---- Extracted data
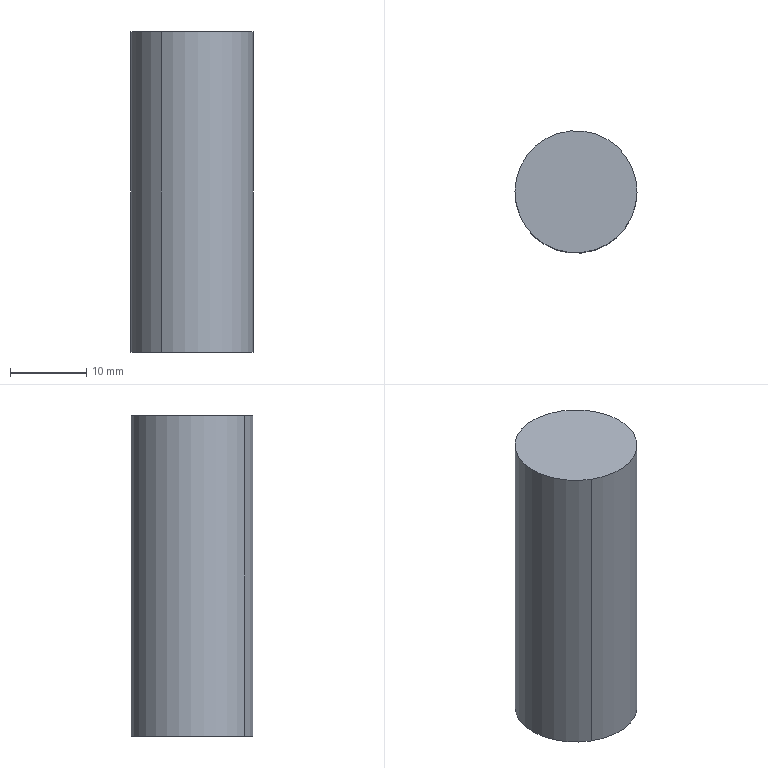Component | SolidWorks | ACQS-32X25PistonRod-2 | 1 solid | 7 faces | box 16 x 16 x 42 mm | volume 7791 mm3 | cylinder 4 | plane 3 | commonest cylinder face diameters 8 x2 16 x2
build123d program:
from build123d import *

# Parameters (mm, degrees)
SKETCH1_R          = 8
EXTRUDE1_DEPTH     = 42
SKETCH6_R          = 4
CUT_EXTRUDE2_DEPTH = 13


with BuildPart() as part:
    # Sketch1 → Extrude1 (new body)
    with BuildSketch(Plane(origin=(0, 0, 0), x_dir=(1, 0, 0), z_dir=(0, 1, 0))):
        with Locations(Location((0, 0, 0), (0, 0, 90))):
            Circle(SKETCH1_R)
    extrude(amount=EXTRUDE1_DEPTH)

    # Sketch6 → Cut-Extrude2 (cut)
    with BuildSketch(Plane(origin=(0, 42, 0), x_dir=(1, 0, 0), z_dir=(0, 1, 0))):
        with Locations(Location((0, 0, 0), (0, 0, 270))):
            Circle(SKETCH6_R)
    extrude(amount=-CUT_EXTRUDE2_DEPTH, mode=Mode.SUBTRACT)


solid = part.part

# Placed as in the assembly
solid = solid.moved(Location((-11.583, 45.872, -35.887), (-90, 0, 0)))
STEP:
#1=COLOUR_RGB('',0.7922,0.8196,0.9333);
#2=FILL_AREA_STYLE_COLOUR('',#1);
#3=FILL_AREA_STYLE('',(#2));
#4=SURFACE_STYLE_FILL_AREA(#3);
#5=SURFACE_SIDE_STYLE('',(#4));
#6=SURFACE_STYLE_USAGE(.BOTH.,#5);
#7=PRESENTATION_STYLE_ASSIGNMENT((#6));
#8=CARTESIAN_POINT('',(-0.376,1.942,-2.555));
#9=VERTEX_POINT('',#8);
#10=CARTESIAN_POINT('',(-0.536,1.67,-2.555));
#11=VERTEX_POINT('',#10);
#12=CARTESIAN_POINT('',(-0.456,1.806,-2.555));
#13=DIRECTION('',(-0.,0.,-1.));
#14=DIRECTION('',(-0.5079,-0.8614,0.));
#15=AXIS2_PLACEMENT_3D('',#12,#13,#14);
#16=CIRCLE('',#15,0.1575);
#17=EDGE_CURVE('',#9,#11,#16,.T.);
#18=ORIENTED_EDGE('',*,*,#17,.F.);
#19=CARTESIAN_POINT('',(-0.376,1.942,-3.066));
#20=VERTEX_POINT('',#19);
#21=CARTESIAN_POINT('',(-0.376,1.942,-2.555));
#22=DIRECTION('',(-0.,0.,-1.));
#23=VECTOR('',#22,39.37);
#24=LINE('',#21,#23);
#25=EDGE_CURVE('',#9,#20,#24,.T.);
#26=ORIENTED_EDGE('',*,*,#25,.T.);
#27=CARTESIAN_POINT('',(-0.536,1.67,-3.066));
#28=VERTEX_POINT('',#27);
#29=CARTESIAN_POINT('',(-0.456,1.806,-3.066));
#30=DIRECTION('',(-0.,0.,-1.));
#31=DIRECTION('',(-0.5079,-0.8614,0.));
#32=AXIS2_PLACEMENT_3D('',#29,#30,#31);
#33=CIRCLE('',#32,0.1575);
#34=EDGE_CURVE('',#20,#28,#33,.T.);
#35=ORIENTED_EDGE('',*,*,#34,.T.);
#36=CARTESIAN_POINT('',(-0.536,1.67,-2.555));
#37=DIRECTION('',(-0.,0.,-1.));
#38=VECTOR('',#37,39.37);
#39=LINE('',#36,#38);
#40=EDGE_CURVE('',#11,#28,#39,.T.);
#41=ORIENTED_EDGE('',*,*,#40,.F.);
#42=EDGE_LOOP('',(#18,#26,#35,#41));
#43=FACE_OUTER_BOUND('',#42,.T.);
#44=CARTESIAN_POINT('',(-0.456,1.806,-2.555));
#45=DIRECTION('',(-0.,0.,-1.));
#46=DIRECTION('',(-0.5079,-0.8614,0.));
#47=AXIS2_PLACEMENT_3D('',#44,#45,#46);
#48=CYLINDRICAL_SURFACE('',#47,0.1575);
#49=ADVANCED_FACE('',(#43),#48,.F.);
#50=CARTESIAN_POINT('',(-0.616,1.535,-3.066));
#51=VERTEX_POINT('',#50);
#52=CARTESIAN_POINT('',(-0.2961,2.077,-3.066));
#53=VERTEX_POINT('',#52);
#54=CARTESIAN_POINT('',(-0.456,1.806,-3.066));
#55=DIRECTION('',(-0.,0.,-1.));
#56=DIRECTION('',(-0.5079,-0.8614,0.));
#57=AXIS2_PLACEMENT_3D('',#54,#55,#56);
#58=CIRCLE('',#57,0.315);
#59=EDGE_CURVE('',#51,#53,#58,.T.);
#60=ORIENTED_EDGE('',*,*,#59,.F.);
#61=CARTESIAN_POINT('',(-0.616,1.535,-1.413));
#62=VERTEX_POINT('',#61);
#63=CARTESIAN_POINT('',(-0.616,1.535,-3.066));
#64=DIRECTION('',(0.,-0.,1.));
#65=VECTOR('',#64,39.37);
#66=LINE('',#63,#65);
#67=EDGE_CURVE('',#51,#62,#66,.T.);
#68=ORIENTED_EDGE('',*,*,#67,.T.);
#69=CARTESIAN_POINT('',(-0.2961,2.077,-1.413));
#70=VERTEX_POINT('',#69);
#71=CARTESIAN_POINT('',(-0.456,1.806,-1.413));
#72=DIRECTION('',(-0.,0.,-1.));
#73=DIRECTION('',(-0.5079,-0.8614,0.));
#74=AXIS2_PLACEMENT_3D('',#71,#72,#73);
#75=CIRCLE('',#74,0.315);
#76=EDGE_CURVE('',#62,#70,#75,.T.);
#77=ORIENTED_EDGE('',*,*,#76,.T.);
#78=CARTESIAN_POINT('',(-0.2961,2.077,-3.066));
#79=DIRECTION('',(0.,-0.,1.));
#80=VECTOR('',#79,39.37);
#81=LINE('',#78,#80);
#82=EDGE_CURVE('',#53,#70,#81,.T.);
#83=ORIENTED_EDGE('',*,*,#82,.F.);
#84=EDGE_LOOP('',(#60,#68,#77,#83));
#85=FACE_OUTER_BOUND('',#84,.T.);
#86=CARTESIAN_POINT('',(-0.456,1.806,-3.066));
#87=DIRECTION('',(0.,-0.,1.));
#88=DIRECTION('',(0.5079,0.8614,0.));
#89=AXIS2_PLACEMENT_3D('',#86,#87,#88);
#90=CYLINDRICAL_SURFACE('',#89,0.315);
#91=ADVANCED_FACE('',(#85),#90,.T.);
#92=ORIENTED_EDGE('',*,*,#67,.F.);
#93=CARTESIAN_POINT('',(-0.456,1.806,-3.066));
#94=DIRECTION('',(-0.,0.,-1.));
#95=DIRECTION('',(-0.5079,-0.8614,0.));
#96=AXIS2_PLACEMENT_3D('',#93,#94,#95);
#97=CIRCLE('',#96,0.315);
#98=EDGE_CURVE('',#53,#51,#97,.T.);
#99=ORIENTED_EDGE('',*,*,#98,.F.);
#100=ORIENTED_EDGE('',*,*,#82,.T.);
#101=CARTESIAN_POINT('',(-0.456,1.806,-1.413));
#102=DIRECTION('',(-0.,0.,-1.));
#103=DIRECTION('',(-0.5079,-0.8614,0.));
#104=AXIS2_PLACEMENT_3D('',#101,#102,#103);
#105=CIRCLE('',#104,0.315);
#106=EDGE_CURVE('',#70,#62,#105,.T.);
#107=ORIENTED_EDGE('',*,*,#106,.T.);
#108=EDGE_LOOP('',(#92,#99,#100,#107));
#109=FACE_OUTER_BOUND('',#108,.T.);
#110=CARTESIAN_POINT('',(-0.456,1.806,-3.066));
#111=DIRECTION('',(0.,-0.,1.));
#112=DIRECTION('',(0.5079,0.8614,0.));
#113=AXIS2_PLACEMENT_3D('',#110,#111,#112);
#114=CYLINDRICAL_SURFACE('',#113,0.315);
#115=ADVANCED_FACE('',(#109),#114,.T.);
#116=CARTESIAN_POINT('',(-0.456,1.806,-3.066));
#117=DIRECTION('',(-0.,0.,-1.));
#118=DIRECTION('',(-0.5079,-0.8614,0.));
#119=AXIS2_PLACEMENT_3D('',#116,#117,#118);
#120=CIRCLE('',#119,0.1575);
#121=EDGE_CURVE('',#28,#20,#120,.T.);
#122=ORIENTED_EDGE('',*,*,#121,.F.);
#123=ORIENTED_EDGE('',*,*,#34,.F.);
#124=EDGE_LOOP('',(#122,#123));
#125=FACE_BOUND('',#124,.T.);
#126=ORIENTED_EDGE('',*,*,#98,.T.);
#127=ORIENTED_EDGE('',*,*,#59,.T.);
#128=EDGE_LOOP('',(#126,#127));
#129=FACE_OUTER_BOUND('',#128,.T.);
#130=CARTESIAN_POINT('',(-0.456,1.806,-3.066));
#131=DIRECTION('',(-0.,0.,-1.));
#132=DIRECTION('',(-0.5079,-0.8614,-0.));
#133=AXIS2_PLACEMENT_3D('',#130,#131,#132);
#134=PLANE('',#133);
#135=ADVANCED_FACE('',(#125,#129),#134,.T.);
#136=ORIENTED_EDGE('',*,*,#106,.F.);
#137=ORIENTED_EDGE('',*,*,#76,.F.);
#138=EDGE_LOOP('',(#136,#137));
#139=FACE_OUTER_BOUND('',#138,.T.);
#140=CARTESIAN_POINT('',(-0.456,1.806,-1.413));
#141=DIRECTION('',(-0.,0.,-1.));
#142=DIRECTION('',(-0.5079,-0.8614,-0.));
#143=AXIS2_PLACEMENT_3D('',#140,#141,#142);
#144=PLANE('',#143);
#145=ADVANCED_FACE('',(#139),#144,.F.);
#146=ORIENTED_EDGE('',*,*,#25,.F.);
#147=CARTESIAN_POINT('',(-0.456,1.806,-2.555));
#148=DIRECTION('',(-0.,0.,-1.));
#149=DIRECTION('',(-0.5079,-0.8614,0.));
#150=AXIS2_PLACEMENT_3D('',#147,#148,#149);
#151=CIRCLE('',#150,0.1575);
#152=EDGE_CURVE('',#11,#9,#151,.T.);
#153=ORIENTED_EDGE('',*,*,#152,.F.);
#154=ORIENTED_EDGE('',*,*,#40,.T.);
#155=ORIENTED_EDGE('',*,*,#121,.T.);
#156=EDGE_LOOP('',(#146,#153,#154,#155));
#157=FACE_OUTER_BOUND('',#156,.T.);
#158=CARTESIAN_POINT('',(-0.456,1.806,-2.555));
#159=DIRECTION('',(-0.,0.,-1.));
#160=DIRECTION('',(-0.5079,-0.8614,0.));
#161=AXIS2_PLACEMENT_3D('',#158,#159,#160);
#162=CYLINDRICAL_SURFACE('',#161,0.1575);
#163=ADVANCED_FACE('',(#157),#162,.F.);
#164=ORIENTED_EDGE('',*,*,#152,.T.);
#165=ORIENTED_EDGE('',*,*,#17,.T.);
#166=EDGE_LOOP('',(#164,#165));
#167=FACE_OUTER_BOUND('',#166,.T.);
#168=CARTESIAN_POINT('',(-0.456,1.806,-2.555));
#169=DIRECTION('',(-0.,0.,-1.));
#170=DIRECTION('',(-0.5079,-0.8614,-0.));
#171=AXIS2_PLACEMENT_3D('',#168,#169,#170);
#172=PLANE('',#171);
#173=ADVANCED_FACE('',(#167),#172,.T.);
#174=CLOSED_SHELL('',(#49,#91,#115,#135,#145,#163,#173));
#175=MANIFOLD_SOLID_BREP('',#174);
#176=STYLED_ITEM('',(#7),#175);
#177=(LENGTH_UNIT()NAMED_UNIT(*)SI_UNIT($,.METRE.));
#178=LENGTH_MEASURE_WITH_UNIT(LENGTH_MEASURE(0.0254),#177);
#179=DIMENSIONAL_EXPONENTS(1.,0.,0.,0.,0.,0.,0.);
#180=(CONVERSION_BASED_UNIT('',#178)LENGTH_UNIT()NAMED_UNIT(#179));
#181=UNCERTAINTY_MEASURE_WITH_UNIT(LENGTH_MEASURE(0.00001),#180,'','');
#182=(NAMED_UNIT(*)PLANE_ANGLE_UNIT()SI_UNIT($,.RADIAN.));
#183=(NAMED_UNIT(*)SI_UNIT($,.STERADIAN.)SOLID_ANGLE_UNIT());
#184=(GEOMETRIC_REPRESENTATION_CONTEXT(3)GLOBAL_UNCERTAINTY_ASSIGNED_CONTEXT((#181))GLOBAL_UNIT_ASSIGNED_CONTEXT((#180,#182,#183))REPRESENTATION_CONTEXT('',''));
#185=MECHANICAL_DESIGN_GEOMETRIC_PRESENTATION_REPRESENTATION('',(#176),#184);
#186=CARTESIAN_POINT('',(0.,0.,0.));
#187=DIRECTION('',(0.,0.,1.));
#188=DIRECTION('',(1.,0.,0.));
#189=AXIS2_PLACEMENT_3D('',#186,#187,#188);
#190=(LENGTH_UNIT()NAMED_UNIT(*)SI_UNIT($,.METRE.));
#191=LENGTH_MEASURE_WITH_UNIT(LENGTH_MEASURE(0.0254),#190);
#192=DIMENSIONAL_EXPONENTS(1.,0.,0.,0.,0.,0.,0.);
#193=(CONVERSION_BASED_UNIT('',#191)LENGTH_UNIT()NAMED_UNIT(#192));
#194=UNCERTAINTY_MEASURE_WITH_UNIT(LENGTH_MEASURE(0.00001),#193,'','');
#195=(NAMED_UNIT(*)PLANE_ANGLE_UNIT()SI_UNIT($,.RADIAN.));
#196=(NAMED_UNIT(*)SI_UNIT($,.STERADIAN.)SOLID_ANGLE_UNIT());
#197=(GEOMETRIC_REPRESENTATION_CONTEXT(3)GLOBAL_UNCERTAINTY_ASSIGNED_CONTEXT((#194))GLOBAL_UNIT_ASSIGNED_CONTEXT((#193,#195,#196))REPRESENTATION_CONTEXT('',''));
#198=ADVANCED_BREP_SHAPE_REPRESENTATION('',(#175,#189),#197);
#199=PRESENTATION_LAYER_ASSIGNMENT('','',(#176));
--------
What to do —
Among the lines above, repeat exactly those from the line with "# Placed as in the assembly" to the line with "#49=ADVANCED_FACE('',(#43),#48,.F.);", counting both ends.

Answer box —
# Placed as in the assembly
solid = solid.moved(Location((-11.583, 45.872, -35.887), (-90, 0, 0)))
STEP:
#1=COLOUR_RGB('',0.7922,0.8196,0.9333);
#2=FILL_AREA_STYLE_COLOUR('',#1);
#3=FILL_AREA_STYLE('',(#2));
#4=SURFACE_STYLE_FILL_AREA(#3);
#5=SURFACE_SIDE_STYLE('',(#4));
#6=SURFACE_STYLE_USAGE(.BOTH.,#5);
#7=PRESENTATION_STYLE_ASSIGNMENT((#6));
#8=CARTESIAN_POINT('',(-0.376,1.942,-2.555));
#9=VERTEX_POINT('',#8);
#10=CARTESIAN_POINT('',(-0.536,1.67,-2.555));
#11=VERTEX_POINT('',#10);
#12=CARTESIAN_POINT('',(-0.456,1.806,-2.555));
#13=DIRECTION('',(-0.,0.,-1.));
#14=DIRECTION('',(-0.5079,-0.8614,0.));
#15=AXIS2_PLACEMENT_3D('',#12,#13,#14);
#16=CIRCLE('',#15,0.1575);
#17=EDGE_CURVE('',#9,#11,#16,.T.);
#18=ORIENTED_EDGE('',*,*,#17,.F.);
#19=CARTESIAN_POINT('',(-0.376,1.942,-3.066));
#20=VERTEX_POINT('',#19);
#21=CARTESIAN_POINT('',(-0.376,1.942,-2.555));
#22=DIRECTION('',(-0.,0.,-1.));
#23=VECTOR('',#22,39.37);
#24=LINE('',#21,#23);
#25=EDGE_CURVE('',#9,#20,#24,.T.);
#26=ORIENTED_EDGE('',*,*,#25,.T.);
#27=CARTESIAN_POINT('',(-0.536,1.67,-3.066));
#28=VERTEX_POINT('',#27);
#29=CARTESIAN_POINT('',(-0.456,1.806,-3.066));
#30=DIRECTION('',(-0.,0.,-1.));
#31=DIRECTION('',(-0.5079,-0.8614,0.));
#32=AXIS2_PLACEMENT_3D('',#29,#30,#31);
#33=CIRCLE('',#32,0.1575);
#34=EDGE_CURVE('',#20,#28,#33,.T.);
#35=ORIENTED_EDGE('',*,*,#34,.T.);
#36=CARTESIAN_POINT('',(-0.536,1.67,-2.555));
#37=DIRECTION('',(-0.,0.,-1.));
#38=VECTOR('',#37,39.37);
#39=LINE('',#36,#38);
#40=EDGE_CURVE('',#11,#28,#39,.T.);
#41=ORIENTED_EDGE('',*,*,#40,.F.);
#42=EDGE_LOOP('',(#18,#26,#35,#41));
#43=FACE_OUTER_BOUND('',#42,.T.);
#44=CARTESIAN_POINT('',(-0.456,1.806,-2.555));
#45=DIRECTION('',(-0.,0.,-1.));
#46=DIRECTION('',(-0.5079,-0.8614,0.));
#47=AXIS2_PLACEMENT_3D('',#44,#45,#46);
#48=CYLINDRICAL_SURFACE('',#47,0.1575);
#49=ADVANCED_FACE('',(#43),#48,.F.);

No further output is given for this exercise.